Segment Start: DATA TO USE

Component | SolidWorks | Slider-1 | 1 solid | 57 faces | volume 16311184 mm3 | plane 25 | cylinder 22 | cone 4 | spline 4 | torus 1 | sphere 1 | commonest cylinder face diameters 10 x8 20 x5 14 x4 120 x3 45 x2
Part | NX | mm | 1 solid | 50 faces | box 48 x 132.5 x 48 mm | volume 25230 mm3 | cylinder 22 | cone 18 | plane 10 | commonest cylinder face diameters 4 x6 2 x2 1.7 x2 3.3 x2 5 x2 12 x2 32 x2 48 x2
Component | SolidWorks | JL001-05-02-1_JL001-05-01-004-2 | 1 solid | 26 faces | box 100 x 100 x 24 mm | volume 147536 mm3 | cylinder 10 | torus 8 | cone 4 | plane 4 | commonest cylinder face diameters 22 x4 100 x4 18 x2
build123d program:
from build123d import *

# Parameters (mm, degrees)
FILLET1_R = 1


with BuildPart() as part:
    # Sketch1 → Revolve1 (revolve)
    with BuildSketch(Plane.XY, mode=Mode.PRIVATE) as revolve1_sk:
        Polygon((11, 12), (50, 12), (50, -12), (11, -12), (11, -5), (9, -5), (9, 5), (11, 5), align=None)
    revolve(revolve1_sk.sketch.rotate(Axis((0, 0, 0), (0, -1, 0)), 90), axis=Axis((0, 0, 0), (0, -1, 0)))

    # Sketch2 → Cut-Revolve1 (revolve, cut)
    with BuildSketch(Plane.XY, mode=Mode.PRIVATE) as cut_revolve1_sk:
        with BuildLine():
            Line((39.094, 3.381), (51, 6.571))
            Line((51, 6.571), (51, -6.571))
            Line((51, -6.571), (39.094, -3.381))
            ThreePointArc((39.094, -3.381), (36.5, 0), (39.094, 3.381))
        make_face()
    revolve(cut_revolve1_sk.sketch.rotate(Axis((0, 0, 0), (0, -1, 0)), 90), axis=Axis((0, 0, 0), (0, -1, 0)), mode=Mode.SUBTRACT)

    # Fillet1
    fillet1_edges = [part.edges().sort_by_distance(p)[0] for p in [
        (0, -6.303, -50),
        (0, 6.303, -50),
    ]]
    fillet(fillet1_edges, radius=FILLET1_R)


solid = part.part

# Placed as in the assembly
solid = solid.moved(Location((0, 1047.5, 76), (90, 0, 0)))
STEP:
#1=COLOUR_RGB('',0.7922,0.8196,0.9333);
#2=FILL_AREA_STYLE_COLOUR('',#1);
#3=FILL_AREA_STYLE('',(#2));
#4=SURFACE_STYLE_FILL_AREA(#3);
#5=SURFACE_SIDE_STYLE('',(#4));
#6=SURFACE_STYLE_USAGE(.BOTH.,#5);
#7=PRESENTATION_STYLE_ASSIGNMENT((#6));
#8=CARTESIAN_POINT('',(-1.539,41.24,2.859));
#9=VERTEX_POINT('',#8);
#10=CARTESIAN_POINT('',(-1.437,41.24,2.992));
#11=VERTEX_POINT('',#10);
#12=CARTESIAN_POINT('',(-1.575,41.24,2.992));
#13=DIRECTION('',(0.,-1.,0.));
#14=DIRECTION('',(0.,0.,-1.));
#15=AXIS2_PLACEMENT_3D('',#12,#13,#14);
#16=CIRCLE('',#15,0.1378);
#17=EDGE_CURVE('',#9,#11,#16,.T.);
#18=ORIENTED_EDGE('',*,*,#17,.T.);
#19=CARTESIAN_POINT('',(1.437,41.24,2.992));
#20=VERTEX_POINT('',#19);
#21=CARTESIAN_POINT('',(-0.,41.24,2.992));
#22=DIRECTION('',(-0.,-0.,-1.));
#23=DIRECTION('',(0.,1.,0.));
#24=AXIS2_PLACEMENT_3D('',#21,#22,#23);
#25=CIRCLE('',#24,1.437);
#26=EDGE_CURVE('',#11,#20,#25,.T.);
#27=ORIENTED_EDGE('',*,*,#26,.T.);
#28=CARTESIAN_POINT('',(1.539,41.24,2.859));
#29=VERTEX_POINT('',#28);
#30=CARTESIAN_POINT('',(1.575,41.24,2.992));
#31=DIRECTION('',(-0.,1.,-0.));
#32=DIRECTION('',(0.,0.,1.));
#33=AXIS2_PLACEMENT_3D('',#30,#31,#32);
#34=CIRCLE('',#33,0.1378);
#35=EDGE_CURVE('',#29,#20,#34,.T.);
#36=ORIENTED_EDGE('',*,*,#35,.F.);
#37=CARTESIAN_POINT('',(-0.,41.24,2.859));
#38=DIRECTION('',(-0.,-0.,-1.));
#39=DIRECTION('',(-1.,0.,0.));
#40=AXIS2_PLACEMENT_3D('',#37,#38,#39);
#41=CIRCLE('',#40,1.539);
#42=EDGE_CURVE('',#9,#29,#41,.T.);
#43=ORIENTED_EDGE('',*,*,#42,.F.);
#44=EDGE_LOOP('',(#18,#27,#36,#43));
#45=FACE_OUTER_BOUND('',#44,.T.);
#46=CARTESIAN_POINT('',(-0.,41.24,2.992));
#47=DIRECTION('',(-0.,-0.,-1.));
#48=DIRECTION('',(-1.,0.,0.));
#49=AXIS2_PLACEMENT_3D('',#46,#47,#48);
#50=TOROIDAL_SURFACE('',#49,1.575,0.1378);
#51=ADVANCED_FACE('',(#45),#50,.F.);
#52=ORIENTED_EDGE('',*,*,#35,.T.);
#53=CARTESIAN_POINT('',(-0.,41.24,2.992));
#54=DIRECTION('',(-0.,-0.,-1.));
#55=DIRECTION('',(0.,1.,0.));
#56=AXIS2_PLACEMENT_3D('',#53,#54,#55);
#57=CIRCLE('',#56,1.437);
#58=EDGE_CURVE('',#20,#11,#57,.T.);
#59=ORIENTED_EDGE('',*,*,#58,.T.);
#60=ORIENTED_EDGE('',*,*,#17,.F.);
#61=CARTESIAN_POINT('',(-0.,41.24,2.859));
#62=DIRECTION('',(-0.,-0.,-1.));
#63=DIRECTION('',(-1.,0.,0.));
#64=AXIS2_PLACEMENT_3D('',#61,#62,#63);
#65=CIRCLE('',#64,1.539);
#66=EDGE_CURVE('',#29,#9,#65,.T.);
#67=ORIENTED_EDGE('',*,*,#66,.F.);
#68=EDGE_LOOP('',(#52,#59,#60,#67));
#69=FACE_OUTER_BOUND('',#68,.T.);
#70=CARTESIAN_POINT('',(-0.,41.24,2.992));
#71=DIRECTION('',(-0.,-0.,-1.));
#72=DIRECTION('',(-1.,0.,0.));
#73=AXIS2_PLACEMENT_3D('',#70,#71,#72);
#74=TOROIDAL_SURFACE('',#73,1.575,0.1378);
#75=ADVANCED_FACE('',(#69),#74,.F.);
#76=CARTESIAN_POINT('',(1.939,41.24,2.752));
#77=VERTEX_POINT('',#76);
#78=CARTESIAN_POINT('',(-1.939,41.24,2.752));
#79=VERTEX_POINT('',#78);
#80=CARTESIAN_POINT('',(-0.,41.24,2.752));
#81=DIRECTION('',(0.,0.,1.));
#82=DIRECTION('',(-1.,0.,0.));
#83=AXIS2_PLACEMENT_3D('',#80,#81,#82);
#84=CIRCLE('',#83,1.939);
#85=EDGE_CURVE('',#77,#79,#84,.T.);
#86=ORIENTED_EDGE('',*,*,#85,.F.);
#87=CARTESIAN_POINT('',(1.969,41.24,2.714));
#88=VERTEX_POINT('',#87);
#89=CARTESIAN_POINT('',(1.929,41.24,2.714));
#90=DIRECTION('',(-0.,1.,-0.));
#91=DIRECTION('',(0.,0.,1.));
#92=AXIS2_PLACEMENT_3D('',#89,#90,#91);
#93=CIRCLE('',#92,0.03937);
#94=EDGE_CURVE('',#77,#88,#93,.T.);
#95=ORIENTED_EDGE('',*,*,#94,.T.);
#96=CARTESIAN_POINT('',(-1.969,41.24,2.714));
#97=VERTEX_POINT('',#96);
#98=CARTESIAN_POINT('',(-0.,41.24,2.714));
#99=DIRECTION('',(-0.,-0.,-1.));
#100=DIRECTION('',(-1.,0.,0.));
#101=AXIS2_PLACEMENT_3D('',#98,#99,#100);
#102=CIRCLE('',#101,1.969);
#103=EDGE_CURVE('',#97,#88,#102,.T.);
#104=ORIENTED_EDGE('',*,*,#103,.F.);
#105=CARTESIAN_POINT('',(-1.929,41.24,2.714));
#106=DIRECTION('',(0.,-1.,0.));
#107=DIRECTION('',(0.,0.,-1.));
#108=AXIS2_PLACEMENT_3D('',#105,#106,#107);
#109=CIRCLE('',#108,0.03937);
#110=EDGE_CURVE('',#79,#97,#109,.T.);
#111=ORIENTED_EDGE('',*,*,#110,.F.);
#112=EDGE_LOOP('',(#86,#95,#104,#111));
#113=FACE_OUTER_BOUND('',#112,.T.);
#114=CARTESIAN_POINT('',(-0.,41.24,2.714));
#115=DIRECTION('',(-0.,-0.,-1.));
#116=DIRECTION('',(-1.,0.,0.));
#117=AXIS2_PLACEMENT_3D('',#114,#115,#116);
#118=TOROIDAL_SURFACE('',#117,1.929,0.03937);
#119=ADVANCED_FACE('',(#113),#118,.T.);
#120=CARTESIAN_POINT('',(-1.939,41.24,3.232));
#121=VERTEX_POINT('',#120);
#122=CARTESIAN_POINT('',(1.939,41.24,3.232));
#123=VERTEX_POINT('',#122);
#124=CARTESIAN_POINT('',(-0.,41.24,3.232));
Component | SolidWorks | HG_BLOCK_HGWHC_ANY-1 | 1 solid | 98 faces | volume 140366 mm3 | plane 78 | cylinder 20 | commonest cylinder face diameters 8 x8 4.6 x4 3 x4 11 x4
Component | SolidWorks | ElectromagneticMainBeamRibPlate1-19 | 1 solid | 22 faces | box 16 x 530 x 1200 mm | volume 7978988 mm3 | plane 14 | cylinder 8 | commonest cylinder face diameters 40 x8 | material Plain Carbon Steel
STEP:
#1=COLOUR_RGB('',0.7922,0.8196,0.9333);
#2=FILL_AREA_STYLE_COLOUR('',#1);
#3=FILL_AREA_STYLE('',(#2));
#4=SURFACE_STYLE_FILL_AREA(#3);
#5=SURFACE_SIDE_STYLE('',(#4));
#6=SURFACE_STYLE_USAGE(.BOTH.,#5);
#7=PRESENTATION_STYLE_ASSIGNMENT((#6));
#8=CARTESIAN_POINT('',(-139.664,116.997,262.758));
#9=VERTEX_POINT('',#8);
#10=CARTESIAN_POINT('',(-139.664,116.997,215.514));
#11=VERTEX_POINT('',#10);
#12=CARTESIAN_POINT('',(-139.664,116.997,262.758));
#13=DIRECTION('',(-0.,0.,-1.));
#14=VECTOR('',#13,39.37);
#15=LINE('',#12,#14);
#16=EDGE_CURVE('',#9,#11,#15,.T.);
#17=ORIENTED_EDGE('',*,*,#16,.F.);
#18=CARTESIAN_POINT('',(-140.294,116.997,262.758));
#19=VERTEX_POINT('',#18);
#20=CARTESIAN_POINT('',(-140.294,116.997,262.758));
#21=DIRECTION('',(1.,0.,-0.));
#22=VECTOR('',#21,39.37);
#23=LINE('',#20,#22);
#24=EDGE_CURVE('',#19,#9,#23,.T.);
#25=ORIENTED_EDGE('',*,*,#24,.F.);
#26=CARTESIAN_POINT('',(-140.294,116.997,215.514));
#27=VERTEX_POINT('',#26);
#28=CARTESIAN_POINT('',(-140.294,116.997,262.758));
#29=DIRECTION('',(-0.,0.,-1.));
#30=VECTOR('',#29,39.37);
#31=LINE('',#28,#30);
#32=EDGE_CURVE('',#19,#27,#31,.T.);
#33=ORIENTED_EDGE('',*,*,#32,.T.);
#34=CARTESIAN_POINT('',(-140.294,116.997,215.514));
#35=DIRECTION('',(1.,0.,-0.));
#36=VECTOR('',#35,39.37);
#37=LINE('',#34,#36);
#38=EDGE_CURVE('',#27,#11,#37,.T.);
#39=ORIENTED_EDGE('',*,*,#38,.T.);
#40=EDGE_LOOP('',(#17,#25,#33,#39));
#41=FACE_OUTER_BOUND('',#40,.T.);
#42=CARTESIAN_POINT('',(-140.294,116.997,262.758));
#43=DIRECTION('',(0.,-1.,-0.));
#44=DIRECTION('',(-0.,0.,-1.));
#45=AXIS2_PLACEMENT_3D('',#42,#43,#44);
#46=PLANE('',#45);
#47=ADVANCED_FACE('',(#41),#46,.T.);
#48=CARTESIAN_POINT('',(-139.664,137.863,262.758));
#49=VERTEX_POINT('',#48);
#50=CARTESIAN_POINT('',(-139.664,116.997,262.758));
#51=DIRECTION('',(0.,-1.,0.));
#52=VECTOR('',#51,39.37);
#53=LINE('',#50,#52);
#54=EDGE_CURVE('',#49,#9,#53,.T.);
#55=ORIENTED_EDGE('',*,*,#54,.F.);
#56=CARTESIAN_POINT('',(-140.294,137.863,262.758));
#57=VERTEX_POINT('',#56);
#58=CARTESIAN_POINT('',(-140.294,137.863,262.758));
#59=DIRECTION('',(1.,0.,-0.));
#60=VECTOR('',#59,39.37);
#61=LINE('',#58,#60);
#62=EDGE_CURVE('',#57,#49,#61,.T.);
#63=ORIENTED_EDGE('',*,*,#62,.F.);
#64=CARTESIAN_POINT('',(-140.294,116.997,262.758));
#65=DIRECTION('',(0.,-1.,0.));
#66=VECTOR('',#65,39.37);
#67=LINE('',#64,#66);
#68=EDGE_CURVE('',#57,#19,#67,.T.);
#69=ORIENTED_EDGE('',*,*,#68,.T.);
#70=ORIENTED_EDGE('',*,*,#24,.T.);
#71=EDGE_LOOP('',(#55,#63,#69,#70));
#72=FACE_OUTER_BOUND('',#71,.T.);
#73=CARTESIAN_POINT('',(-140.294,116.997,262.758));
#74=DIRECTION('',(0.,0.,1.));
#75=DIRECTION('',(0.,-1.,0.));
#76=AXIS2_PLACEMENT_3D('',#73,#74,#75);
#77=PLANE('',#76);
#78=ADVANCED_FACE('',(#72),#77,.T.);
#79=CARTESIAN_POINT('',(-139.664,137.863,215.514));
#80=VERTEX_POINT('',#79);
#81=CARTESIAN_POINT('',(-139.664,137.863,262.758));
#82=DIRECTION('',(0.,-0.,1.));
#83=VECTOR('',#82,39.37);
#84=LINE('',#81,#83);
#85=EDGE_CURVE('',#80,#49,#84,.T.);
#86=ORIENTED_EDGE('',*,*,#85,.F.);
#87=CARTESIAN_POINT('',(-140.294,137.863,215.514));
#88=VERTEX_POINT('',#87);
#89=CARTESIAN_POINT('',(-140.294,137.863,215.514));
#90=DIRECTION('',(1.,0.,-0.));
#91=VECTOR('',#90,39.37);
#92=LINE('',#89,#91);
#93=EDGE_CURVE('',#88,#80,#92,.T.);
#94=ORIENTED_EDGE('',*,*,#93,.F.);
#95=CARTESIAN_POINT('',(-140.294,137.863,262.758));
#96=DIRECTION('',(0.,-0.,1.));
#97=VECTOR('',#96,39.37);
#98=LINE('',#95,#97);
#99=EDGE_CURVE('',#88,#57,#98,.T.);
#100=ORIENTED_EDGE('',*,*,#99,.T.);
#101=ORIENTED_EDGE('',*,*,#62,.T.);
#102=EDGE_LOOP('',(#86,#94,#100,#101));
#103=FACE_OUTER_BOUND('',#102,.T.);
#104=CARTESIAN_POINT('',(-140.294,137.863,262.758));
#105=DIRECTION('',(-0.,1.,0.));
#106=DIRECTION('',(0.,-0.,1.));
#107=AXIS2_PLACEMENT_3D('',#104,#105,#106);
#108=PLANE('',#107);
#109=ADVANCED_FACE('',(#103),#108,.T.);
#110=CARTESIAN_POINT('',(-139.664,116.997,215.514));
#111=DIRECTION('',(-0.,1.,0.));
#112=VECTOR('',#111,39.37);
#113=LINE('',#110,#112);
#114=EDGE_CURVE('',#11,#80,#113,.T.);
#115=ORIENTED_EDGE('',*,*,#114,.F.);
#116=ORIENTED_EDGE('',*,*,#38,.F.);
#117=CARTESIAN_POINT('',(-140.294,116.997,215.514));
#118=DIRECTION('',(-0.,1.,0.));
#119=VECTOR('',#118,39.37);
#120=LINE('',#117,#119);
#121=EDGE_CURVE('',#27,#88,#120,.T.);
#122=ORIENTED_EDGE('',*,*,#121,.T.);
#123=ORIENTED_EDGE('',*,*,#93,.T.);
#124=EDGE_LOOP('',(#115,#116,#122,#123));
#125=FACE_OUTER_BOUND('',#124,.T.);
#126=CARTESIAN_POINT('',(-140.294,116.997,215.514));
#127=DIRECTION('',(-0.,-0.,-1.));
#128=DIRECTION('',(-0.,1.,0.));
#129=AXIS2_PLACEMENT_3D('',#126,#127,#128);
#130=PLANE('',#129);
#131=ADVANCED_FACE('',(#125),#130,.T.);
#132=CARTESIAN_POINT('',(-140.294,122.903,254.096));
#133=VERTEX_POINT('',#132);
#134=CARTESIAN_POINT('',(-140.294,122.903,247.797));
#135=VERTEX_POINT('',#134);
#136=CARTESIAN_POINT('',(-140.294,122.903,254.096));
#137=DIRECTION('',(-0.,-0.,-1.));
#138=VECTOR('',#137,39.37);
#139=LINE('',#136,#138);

Segment End: DATA TO USE

▶ **WORK REQUIRED**: Using the records above, set down exactly the lines from the one with "#35=EDGE_CURVE('',#29,#20,#34,.T.);" through the one with "#44=EDGE_LOOP('',(#18,#27,#36,#43));", inclusive, and nothing more.

▶ **ANSWER SPACE**:
#35=EDGE_CURVE('',#29,#20,#34,.T.);
#36=ORIENTED_EDGE('',*,*,#35,.F.);
#37=CARTESIAN_POINT('',(-0.,41.24,2.859));
#38=DIRECTION('',(-0.,-0.,-1.));
#39=DIRECTION('',(-1.,0.,0.));
#40=AXIS2_PLACEMENT_3D('',#37,#38,#39);
#41=CIRCLE('',#40,1.539);
#42=EDGE_CURVE('',#9,#29,#41,.T.);
#43=ORIENTED_EDGE('',*,*,#42,.F.);
#44=EDGE_LOOP('',(#18,#27,#36,#43));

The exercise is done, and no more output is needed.